Apart from the pictures, write out the records that follow exactly.

Start of Block

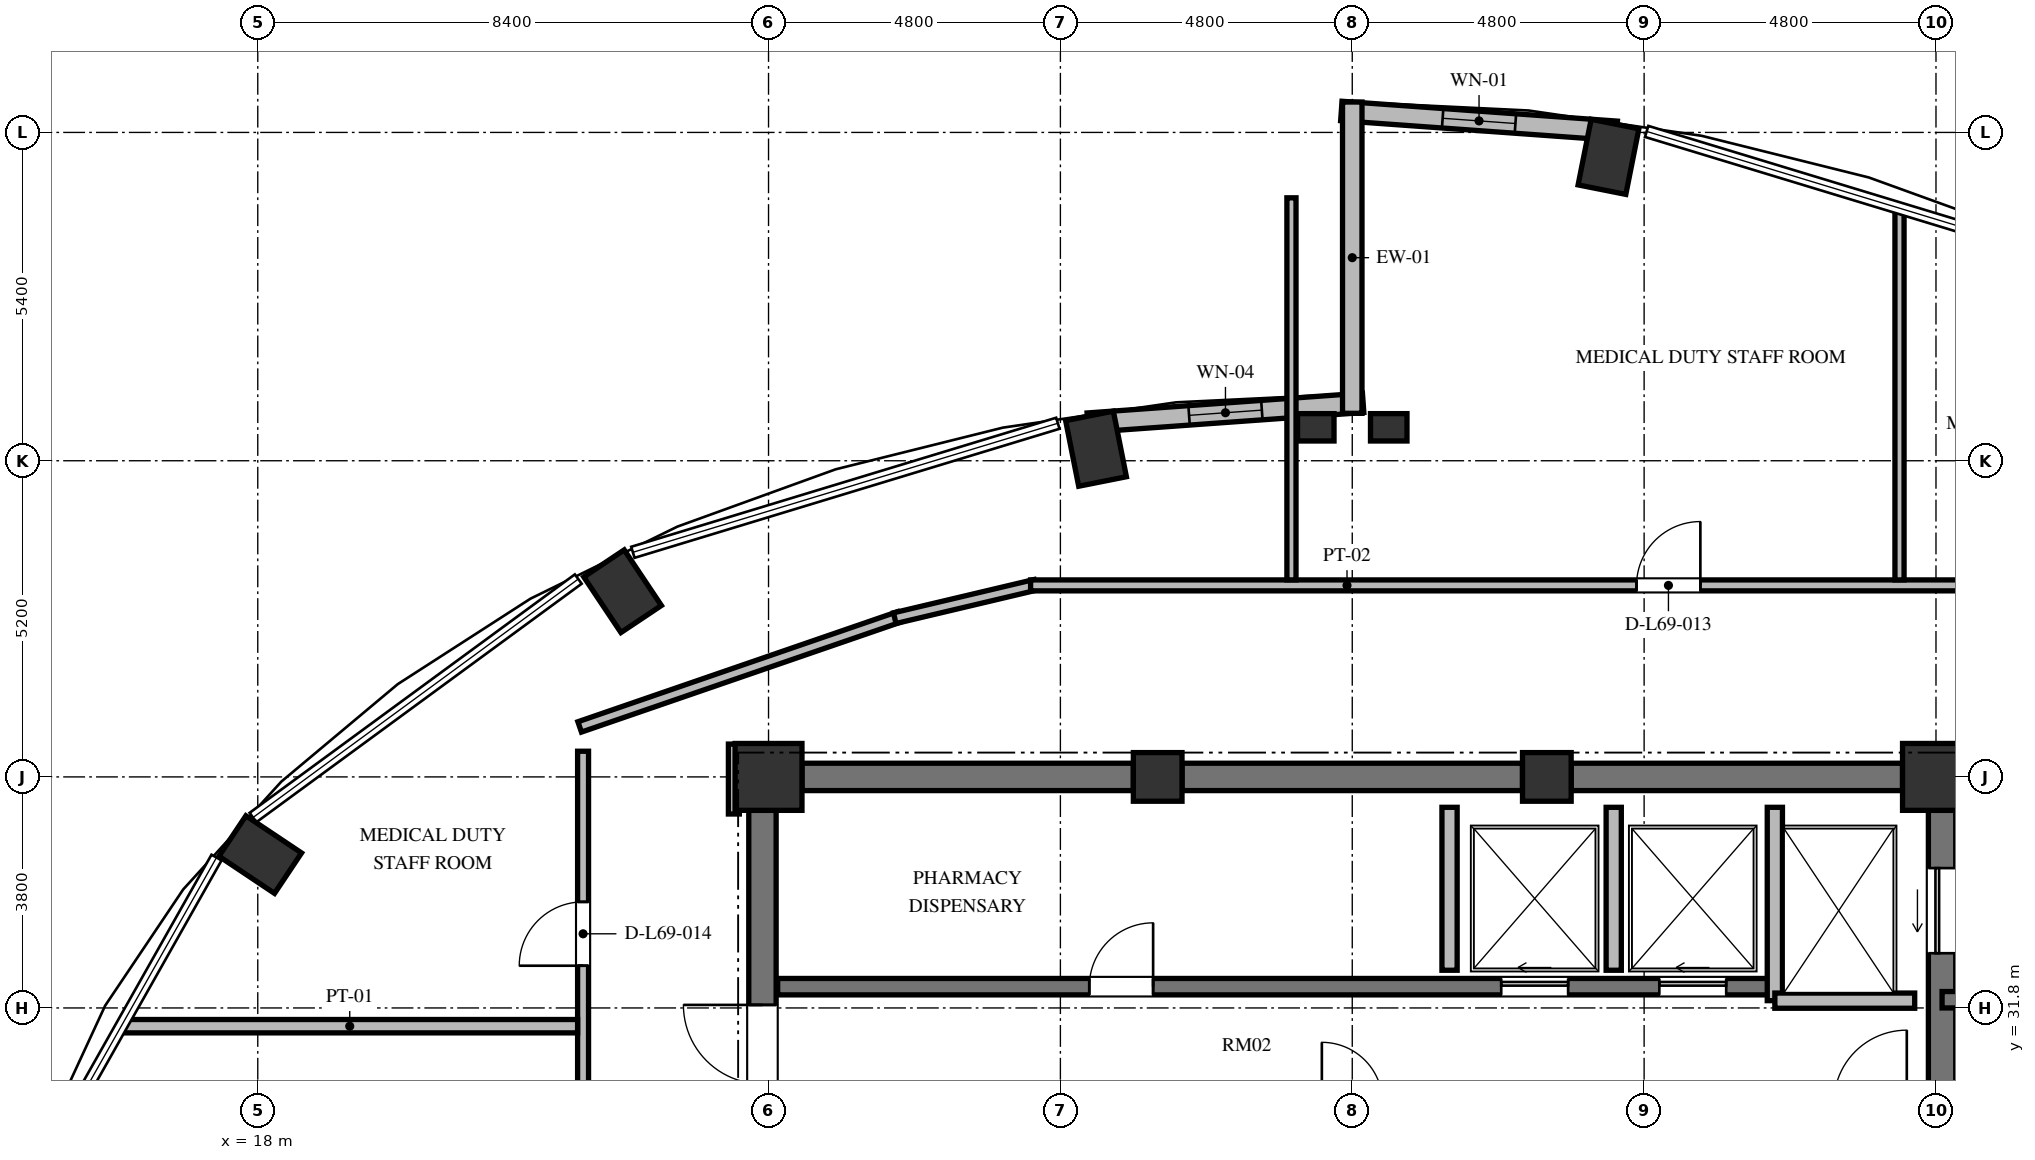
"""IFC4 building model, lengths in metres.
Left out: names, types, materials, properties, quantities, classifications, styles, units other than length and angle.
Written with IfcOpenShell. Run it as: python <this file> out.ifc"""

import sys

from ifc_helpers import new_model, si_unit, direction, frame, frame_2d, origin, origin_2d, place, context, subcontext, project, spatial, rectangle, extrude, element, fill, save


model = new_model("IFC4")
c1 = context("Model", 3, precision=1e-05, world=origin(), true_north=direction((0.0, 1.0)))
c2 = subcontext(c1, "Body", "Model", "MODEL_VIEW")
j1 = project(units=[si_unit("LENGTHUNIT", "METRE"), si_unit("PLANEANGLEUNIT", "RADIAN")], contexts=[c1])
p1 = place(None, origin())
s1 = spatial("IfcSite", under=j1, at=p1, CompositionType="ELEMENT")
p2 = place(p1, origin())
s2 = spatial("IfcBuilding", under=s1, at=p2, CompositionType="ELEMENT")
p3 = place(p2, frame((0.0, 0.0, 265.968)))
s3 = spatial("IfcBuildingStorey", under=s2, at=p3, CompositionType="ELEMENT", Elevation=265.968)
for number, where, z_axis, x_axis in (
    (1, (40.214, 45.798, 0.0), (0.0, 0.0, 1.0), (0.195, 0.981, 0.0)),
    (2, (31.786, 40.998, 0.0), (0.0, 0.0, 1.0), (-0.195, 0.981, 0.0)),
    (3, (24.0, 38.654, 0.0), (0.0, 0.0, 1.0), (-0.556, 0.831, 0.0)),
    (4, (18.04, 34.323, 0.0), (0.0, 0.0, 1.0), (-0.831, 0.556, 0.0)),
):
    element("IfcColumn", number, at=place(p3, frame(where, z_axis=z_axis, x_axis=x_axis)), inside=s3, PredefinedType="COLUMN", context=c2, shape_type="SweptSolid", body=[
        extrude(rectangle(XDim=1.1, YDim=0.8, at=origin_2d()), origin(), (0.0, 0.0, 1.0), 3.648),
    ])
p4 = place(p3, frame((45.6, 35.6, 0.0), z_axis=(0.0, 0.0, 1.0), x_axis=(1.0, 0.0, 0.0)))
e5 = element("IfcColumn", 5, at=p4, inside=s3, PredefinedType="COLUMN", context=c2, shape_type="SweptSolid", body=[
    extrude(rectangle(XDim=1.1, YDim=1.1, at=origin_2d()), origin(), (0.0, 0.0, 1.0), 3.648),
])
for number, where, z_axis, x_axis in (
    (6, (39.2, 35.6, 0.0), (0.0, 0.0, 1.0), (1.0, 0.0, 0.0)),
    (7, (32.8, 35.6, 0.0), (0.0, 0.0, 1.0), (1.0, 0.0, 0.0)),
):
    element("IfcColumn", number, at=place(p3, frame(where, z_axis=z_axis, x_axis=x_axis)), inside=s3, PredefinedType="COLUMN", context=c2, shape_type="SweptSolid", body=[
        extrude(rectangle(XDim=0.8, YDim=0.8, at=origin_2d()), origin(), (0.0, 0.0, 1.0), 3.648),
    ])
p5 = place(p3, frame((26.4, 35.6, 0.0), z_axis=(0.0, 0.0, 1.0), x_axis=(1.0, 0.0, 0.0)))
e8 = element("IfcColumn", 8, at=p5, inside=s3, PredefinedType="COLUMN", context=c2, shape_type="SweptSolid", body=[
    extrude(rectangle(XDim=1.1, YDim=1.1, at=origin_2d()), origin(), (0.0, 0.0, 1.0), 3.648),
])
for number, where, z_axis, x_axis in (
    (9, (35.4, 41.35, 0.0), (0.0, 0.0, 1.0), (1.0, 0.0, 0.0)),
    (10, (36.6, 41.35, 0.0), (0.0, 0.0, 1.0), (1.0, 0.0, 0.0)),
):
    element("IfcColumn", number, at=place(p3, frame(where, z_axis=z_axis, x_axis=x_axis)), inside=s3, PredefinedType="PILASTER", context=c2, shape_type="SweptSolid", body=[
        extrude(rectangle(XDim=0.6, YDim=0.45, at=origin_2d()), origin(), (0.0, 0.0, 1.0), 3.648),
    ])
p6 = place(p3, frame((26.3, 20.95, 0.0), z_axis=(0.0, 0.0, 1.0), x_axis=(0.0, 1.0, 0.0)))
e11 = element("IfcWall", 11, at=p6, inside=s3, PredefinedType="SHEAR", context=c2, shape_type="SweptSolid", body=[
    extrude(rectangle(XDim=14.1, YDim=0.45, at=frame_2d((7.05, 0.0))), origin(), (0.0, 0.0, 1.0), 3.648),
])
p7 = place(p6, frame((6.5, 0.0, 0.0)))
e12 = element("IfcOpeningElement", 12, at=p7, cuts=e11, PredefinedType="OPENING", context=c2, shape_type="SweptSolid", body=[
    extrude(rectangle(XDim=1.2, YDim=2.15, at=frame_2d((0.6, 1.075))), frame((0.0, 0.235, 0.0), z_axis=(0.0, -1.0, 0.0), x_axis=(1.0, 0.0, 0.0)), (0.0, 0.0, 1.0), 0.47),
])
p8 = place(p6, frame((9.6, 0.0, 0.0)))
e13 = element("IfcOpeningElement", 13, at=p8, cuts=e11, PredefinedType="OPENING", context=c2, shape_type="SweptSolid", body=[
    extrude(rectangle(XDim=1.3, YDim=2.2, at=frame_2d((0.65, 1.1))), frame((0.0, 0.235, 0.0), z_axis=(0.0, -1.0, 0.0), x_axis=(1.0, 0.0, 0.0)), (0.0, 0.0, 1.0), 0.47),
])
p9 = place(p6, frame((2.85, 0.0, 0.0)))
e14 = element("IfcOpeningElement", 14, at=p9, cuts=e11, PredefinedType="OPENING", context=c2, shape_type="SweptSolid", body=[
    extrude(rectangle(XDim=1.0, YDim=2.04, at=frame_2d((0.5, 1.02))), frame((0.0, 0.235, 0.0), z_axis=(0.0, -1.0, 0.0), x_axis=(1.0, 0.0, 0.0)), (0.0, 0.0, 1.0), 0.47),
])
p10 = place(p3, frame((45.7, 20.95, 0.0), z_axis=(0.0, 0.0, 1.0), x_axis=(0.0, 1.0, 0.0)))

End of Block

- **ANSWER AREA**
"""IFC4 building model, lengths in metres.
Left out: names, types, materials, properties, quantities, classifications, styles, units other than length and angle.
Written with IfcOpenShell. Run it as: python <this file> out.ifc"""

import sys

from ifc_helpers import new_model, si_unit, direction, frame, frame_2d, origin, origin_2d, place, context, subcontext, project, spatial, rectangle, extrude, element, fill, save


model = new_model("IFC4")
c1 = context("Model", 3, precision=1e-05, world=origin(), true_north=direction((0.0, 1.0)))
c2 = subcontext(c1, "Body", "Model", "MODEL_VIEW")
j1 = project(units=[si_unit("LENGTHUNIT", "METRE"), si_unit("PLANEANGLEUNIT", "RADIAN")], contexts=[c1])
p1 = place(None, origin())
s1 = spatial("IfcSite", under=j1, at=p1, CompositionType="ELEMENT")
p2 = place(p1, origin())
s2 = spatial("IfcBuilding", under=s1, at=p2, CompositionType="ELEMENT")
p3 = place(p2, frame((0.0, 0.0, 265.968)))
s3 = spatial("IfcBuildingStorey", under=s2, at=p3, CompositionType="ELEMENT", Elevation=265.968)
for number, where, z_axis, x_axis in (
    (1, (40.214, 45.798, 0.0), (0.0, 0.0, 1.0), (0.195, 0.981, 0.0)),
    (2, (31.786, 40.998, 0.0), (0.0, 0.0, 1.0), (-0.195, 0.981, 0.0)),
    (3, (24.0, 38.654, 0.0), (0.0, 0.0, 1.0), (-0.556, 0.831, 0.0)),
    (4, (18.04, 34.323, 0.0), (0.0, 0.0, 1.0), (-0.831, 0.556, 0.0)),
):
    element("IfcColumn", number, at=place(p3, frame(where, z_axis=z_axis, x_axis=x_axis)), inside=s3, PredefinedType="COLUMN", context=c2, shape_type="SweptSolid", body=[
        extrude(rectangle(XDim=1.1, YDim=0.8, at=origin_2d()), origin(), (0.0, 0.0, 1.0), 3.648),
    ])
p4 = place(p3, frame((45.6, 35.6, 0.0), z_axis=(0.0, 0.0, 1.0), x_axis=(1.0, 0.0, 0.0)))
e5 = element("IfcColumn", 5, at=p4, inside=s3, PredefinedType="COLUMN", context=c2, shape_type="SweptSolid", body=[
    extrude(rectangle(XDim=1.1, YDim=1.1, at=origin_2d()), origin(), (0.0, 0.0, 1.0), 3.648),
])
for number, where, z_axis, x_axis in (
    (6, (39.2, 35.6, 0.0), (0.0, 0.0, 1.0), (1.0, 0.0, 0.0)),
    (7, (32.8, 35.6, 0.0), (0.0, 0.0, 1.0), (1.0, 0.0, 0.0)),
):
    element("IfcColumn", number, at=place(p3, frame(where, z_axis=z_axis, x_axis=x_axis)), inside=s3, PredefinedType="COLUMN", context=c2, shape_type="SweptSolid", body=[
        extrude(rectangle(XDim=0.8, YDim=0.8, at=origin_2d()), origin(), (0.0, 0.0, 1.0), 3.648),
    ])
p5 = place(p3, frame((26.4, 35.6, 0.0), z_axis=(0.0, 0.0, 1.0), x_axis=(1.0, 0.0, 0.0)))
e8 = element("IfcColumn", 8, at=p5, inside=s3, PredefinedType="COLUMN", context=c2, shape_type="SweptSolid", body=[
    extrude(rectangle(XDim=1.1, YDim=1.1, at=origin_2d()), origin(), (0.0, 0.0, 1.0), 3.648),
])
for number, where, z_axis, x_axis in (
    (9, (35.4, 41.35, 0.0), (0.0, 0.0, 1.0), (1.0, 0.0, 0.0)),
    (10, (36.6, 41.35, 0.0), (0.0, 0.0, 1.0), (1.0, 0.0, 0.0)),
):
    element("IfcColumn", number, at=place(p3, frame(where, z_axis=z_axis, x_axis=x_axis)), inside=s3, PredefinedType="PILASTER", context=c2, shape_type="SweptSolid", body=[
        extrude(rectangle(XDim=0.6, YDim=0.45, at=origin_2d()), origin(), (0.0, 0.0, 1.0), 3.648),
    ])
p6 = place(p3, frame((26.3, 20.95, 0.0), z_axis=(0.0, 0.0, 1.0), x_axis=(0.0, 1.0, 0.0)))
e11 = element("IfcWall", 11, at=p6, inside=s3, PredefinedType="SHEAR", context=c2, shape_type="SweptSolid", body=[
    extrude(rectangle(XDim=14.1, YDim=0.45, at=frame_2d((7.05, 0.0))), origin(), (0.0, 0.0, 1.0), 3.648),
])
p7 = place(p6, frame((6.5, 0.0, 0.0)))
e12 = element("IfcOpeningElement", 12, at=p7, cuts=e11, PredefinedType="OPENING", context=c2, shape_type="SweptSolid", body=[
    extrude(rectangle(XDim=1.2, YDim=2.15, at=frame_2d((0.6, 1.075))), frame((0.0, 0.235, 0.0), z_axis=(0.0, -1.0, 0.0), x_axis=(1.0, 0.0, 0.0)), (0.0, 0.0, 1.0), 0.47),
])
p8 = place(p6, frame((9.6, 0.0, 0.0)))
e13 = element("IfcOpeningElement", 13, at=p8, cuts=e11, PredefinedType="OPENING", context=c2, shape_type="SweptSolid", body=[
    extrude(rectangle(XDim=1.3, YDim=2.2, at=frame_2d((0.65, 1.1))), frame((0.0, 0.235, 0.0), z_axis=(0.0, -1.0, 0.0), x_axis=(1.0, 0.0, 0.0)), (0.0, 0.0, 1.0), 0.47),
])
p9 = place(p6, frame((2.85, 0.0, 0.0)))
e14 = element("IfcOpeningElement", 14, at=p9, cuts=e11, PredefinedType="OPENING", context=c2, shape_type="SweptSolid", body=[
    extrude(rectangle(XDim=1.0, YDim=2.04, at=frame_2d((0.5, 1.02))), frame((0.0, 0.235, 0.0), z_axis=(0.0, -1.0, 0.0), x_axis=(1.0, 0.0, 0.0)), (0.0, 0.0, 1.0), 0.47),
])
p10 = place(p3, frame((45.7, 20.95, 0.0), z_axis=(0.0, 0.0, 1.0), x_axis=(0.0, 1.0, 0.0)))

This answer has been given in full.